START Records shown

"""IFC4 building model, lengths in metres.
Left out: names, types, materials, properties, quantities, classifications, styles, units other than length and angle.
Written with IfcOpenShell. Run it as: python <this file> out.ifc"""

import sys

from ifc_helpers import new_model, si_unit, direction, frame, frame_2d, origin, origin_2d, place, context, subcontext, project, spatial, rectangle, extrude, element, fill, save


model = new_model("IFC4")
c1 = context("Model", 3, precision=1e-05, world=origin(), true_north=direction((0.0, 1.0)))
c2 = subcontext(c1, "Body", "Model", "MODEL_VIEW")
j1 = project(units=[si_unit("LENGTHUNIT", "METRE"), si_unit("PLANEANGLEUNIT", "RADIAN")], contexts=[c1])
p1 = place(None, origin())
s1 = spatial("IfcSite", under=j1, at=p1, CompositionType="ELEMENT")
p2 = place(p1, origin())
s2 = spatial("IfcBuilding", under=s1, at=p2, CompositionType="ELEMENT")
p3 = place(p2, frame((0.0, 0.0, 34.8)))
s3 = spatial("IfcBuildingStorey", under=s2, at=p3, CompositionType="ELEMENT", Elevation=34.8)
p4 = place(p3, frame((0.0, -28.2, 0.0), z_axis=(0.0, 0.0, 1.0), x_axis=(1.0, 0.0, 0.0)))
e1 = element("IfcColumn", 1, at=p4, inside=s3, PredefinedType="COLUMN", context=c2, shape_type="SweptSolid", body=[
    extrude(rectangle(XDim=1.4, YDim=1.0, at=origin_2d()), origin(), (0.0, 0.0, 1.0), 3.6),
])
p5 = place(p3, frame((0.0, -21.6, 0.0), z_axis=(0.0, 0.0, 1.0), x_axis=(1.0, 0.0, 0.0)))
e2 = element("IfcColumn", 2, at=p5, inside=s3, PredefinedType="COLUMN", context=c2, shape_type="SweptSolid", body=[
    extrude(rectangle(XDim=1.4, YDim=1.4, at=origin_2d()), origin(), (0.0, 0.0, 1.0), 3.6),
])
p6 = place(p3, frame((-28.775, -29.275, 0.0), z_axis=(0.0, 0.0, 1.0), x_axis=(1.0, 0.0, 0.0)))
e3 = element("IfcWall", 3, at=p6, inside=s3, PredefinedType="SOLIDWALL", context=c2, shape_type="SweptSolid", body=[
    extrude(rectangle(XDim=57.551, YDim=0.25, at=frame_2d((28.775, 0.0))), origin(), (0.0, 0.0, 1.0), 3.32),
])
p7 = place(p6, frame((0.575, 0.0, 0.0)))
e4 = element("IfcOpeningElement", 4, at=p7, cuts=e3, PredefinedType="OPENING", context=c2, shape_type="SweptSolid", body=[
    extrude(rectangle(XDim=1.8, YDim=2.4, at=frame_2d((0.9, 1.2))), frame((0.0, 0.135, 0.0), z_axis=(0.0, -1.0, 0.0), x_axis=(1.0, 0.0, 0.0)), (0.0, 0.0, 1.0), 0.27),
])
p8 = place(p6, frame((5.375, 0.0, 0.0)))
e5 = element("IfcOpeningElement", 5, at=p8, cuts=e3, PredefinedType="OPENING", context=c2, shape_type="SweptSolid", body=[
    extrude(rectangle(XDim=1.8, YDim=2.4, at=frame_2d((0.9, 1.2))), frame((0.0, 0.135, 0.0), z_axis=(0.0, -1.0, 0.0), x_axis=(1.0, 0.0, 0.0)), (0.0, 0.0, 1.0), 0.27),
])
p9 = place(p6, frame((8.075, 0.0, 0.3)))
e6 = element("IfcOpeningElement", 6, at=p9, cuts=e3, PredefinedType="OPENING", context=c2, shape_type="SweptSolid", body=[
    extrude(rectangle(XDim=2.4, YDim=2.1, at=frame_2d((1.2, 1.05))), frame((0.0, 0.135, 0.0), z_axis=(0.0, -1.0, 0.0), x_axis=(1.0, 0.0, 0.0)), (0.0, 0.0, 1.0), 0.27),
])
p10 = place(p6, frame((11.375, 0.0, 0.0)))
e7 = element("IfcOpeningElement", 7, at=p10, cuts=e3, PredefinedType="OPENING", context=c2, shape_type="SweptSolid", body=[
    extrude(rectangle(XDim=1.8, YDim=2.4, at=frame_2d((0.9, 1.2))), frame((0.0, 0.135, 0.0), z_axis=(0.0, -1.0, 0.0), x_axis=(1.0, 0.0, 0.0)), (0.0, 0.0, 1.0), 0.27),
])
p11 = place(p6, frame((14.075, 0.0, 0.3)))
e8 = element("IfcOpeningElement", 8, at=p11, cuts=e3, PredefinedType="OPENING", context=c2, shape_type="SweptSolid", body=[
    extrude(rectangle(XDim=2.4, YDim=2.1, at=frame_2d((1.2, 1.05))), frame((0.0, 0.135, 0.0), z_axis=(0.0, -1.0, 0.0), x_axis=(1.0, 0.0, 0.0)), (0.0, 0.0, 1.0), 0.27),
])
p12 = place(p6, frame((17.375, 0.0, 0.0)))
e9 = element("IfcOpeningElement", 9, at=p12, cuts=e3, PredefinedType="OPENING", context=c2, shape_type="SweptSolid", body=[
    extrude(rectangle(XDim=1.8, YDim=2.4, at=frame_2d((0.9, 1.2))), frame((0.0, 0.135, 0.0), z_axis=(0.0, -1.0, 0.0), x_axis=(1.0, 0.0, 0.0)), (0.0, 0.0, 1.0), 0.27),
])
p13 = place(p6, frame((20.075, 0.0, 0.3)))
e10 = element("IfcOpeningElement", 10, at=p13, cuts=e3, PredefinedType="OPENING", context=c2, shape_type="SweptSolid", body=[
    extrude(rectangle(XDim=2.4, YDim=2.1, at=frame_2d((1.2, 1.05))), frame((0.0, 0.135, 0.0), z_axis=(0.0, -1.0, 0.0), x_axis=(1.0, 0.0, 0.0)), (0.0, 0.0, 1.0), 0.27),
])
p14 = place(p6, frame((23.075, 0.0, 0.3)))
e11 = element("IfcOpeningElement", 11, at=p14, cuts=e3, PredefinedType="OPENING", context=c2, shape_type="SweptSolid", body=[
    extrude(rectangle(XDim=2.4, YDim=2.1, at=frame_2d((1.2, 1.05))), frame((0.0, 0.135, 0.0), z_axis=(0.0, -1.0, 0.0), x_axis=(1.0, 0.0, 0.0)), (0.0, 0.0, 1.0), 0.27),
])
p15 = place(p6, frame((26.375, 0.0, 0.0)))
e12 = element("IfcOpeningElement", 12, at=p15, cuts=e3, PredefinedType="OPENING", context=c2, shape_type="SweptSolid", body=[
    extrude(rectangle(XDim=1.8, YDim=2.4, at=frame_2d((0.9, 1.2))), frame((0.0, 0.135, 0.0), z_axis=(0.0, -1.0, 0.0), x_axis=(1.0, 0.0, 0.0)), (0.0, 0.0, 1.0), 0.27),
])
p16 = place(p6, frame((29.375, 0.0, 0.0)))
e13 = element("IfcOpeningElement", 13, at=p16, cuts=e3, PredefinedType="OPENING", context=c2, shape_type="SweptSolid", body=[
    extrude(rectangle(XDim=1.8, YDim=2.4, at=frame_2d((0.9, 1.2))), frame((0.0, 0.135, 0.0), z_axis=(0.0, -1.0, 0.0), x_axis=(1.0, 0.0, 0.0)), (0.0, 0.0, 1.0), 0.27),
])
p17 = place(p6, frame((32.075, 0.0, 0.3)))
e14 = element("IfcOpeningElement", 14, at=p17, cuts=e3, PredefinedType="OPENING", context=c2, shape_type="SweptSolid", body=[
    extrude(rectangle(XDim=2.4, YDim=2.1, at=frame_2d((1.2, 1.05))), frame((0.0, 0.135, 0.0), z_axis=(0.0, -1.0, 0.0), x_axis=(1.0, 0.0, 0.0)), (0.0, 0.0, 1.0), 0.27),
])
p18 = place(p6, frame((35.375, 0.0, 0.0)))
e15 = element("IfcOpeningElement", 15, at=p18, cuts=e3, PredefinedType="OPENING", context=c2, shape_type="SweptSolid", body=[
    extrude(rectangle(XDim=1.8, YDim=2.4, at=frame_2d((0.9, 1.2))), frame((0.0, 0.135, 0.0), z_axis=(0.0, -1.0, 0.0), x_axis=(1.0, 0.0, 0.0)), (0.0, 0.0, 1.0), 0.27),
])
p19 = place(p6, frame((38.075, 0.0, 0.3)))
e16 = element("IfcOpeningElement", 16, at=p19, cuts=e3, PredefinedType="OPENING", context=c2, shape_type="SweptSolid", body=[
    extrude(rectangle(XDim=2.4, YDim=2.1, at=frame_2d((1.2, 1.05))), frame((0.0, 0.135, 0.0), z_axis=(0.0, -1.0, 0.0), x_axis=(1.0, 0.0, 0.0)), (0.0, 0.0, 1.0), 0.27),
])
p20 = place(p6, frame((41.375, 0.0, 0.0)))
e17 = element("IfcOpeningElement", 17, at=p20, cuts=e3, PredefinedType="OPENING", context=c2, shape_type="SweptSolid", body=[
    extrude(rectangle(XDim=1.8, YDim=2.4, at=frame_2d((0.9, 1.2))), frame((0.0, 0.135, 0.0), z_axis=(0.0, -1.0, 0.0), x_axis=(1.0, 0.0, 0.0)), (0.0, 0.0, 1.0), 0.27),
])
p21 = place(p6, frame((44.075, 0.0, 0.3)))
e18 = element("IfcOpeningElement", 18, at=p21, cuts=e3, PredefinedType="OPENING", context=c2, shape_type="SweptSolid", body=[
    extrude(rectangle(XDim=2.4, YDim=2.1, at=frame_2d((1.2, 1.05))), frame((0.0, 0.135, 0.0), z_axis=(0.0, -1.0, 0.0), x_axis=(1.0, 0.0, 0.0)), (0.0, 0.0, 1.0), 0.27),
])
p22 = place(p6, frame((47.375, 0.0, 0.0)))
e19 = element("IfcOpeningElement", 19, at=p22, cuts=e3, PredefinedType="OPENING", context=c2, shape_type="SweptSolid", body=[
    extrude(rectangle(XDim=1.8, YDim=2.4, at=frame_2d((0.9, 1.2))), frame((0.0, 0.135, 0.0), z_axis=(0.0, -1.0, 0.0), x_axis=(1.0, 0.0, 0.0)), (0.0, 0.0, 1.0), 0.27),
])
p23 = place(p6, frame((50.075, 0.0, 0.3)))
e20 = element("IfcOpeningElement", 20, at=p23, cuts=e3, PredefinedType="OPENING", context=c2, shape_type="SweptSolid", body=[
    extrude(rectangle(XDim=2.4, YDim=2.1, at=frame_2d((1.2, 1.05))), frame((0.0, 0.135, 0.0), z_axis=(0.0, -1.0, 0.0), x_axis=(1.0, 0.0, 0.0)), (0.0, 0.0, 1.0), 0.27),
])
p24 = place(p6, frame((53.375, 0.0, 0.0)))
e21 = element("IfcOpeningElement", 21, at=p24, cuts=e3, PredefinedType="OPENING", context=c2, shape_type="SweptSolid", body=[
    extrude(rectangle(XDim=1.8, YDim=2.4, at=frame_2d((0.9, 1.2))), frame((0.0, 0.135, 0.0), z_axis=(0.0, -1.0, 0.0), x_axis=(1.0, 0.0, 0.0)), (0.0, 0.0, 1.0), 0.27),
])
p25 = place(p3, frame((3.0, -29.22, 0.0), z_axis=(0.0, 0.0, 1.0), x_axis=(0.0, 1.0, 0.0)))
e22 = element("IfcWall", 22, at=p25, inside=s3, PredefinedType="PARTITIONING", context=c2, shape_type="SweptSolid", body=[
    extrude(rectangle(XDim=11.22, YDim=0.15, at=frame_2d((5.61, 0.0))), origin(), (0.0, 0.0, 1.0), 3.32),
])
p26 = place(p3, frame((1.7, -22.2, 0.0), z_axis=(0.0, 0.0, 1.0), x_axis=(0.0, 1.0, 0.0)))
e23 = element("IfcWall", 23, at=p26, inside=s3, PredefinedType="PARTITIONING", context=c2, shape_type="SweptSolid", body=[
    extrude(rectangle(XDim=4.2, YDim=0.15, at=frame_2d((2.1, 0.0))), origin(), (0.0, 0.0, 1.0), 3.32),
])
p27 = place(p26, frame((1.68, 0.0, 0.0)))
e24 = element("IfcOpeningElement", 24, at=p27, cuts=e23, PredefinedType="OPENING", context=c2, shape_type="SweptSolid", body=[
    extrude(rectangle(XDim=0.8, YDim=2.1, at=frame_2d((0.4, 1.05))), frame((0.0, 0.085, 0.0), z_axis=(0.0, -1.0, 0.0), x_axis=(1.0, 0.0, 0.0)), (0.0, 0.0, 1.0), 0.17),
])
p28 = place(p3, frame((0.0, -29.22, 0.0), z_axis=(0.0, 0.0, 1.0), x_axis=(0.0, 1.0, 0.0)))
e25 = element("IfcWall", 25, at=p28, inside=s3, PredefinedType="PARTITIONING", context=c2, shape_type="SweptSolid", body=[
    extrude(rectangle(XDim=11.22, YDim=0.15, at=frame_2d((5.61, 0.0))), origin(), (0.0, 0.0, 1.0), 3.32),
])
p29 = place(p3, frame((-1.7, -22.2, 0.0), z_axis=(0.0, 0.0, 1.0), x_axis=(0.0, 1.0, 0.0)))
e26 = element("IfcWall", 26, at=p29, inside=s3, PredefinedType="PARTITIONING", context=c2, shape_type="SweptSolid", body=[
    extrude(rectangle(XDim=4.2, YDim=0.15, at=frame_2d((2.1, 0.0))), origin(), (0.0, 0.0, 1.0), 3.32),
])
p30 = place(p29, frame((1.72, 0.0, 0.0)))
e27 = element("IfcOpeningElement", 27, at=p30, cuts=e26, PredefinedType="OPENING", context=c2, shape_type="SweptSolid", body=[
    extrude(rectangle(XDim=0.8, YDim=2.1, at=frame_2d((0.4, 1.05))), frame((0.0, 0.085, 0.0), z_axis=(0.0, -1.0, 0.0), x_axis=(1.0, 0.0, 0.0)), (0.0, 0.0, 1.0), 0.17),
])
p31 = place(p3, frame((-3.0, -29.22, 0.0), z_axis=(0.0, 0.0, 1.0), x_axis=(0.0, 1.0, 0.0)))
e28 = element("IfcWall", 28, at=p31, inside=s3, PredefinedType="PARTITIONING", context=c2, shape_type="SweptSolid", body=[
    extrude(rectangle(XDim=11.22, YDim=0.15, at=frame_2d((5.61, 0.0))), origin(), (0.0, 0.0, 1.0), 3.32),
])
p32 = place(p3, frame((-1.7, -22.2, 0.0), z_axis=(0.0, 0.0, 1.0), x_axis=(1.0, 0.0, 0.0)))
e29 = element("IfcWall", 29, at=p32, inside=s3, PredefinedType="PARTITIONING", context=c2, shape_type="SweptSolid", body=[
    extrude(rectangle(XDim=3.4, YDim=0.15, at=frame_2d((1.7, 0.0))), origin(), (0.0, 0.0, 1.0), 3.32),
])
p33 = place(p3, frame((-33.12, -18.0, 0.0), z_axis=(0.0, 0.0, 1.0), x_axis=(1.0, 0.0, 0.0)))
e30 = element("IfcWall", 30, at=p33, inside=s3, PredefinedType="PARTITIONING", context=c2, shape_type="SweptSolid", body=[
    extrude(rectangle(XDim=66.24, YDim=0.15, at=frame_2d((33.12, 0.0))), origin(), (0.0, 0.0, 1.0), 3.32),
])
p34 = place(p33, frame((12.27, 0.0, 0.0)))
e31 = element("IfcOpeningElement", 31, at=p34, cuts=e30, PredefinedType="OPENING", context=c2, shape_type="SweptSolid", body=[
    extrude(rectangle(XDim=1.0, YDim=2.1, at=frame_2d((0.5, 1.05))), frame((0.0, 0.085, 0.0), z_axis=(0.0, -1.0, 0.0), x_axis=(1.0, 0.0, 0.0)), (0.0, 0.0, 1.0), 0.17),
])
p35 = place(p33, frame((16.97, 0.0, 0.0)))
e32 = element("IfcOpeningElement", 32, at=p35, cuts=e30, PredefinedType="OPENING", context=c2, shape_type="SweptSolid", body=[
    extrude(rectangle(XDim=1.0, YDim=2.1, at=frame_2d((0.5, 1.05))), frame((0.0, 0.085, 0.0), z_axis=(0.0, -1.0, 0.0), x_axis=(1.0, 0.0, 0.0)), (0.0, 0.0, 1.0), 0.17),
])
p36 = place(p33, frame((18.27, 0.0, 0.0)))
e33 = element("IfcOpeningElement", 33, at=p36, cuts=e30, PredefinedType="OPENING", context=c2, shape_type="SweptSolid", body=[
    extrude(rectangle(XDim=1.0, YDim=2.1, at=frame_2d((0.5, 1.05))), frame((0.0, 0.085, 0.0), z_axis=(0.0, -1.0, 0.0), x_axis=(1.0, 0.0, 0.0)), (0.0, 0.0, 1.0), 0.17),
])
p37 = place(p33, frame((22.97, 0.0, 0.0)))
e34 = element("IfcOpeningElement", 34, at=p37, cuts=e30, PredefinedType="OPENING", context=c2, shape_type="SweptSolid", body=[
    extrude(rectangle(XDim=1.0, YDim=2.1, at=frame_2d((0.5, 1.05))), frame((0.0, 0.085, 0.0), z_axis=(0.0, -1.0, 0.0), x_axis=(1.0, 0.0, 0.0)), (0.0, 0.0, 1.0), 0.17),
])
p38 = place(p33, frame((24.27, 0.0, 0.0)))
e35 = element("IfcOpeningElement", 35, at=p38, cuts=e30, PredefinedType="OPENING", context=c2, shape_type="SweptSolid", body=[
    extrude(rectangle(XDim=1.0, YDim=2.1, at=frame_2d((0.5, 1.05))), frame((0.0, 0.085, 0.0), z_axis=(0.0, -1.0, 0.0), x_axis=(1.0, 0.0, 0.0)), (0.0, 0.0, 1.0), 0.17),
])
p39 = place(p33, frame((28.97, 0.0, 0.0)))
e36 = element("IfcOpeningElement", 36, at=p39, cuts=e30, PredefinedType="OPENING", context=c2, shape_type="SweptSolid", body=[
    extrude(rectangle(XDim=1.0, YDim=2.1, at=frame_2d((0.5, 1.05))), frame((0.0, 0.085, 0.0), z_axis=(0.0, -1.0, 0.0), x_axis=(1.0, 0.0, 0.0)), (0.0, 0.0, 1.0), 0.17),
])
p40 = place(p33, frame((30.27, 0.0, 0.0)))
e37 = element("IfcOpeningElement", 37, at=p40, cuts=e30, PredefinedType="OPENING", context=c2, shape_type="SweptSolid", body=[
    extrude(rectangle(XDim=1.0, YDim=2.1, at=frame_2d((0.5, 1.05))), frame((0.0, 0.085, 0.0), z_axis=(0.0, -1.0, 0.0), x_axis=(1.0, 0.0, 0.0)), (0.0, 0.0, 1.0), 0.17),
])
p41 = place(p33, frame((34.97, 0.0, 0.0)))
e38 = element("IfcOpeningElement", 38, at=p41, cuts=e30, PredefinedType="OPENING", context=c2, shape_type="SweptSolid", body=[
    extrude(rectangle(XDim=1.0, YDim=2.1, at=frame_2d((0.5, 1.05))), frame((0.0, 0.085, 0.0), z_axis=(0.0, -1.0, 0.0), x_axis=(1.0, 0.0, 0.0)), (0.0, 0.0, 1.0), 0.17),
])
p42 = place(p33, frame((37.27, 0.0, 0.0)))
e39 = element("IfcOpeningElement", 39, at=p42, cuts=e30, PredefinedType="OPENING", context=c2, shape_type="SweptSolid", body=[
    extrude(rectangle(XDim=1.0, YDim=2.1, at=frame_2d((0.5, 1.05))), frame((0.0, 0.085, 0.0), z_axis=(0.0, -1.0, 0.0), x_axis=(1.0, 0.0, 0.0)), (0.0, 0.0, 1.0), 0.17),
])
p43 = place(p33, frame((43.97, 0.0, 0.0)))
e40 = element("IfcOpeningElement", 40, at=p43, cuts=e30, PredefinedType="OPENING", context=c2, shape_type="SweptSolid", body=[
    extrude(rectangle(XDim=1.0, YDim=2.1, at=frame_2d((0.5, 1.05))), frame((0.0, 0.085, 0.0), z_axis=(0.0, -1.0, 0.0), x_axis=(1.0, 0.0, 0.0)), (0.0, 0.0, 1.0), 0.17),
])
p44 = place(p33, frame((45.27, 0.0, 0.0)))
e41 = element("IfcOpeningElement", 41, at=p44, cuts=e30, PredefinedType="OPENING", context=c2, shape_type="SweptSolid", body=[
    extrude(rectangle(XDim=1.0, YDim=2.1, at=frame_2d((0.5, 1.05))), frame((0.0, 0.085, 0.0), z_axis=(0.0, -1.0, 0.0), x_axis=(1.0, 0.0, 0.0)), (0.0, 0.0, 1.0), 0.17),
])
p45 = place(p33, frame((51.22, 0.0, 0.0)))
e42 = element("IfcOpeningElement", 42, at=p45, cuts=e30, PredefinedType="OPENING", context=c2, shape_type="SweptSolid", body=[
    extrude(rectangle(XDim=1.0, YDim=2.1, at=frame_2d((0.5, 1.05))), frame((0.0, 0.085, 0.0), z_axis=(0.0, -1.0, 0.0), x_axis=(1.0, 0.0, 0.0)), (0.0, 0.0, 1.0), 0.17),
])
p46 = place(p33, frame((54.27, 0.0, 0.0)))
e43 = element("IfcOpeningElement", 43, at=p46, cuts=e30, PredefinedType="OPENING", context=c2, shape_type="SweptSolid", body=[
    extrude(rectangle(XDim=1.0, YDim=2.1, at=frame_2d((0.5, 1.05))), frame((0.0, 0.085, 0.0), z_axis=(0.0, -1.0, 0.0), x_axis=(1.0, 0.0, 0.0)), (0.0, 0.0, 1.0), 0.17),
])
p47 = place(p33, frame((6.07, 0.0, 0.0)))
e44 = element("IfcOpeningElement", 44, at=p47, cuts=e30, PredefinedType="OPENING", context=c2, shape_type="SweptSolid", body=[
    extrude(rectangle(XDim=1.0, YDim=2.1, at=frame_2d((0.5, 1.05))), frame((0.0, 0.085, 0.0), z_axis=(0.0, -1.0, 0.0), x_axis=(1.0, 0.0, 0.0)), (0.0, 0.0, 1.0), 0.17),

END Records shown

Wherever the string "import" appears in a line above, copy that line.

**Exercise result**
import sys
from ifc_helpers import new_model, si_unit, direction, frame, frame_2d, origin, origin_2d, place, context, subcontext, project, spatial, rectangle, extrude, element, fill, save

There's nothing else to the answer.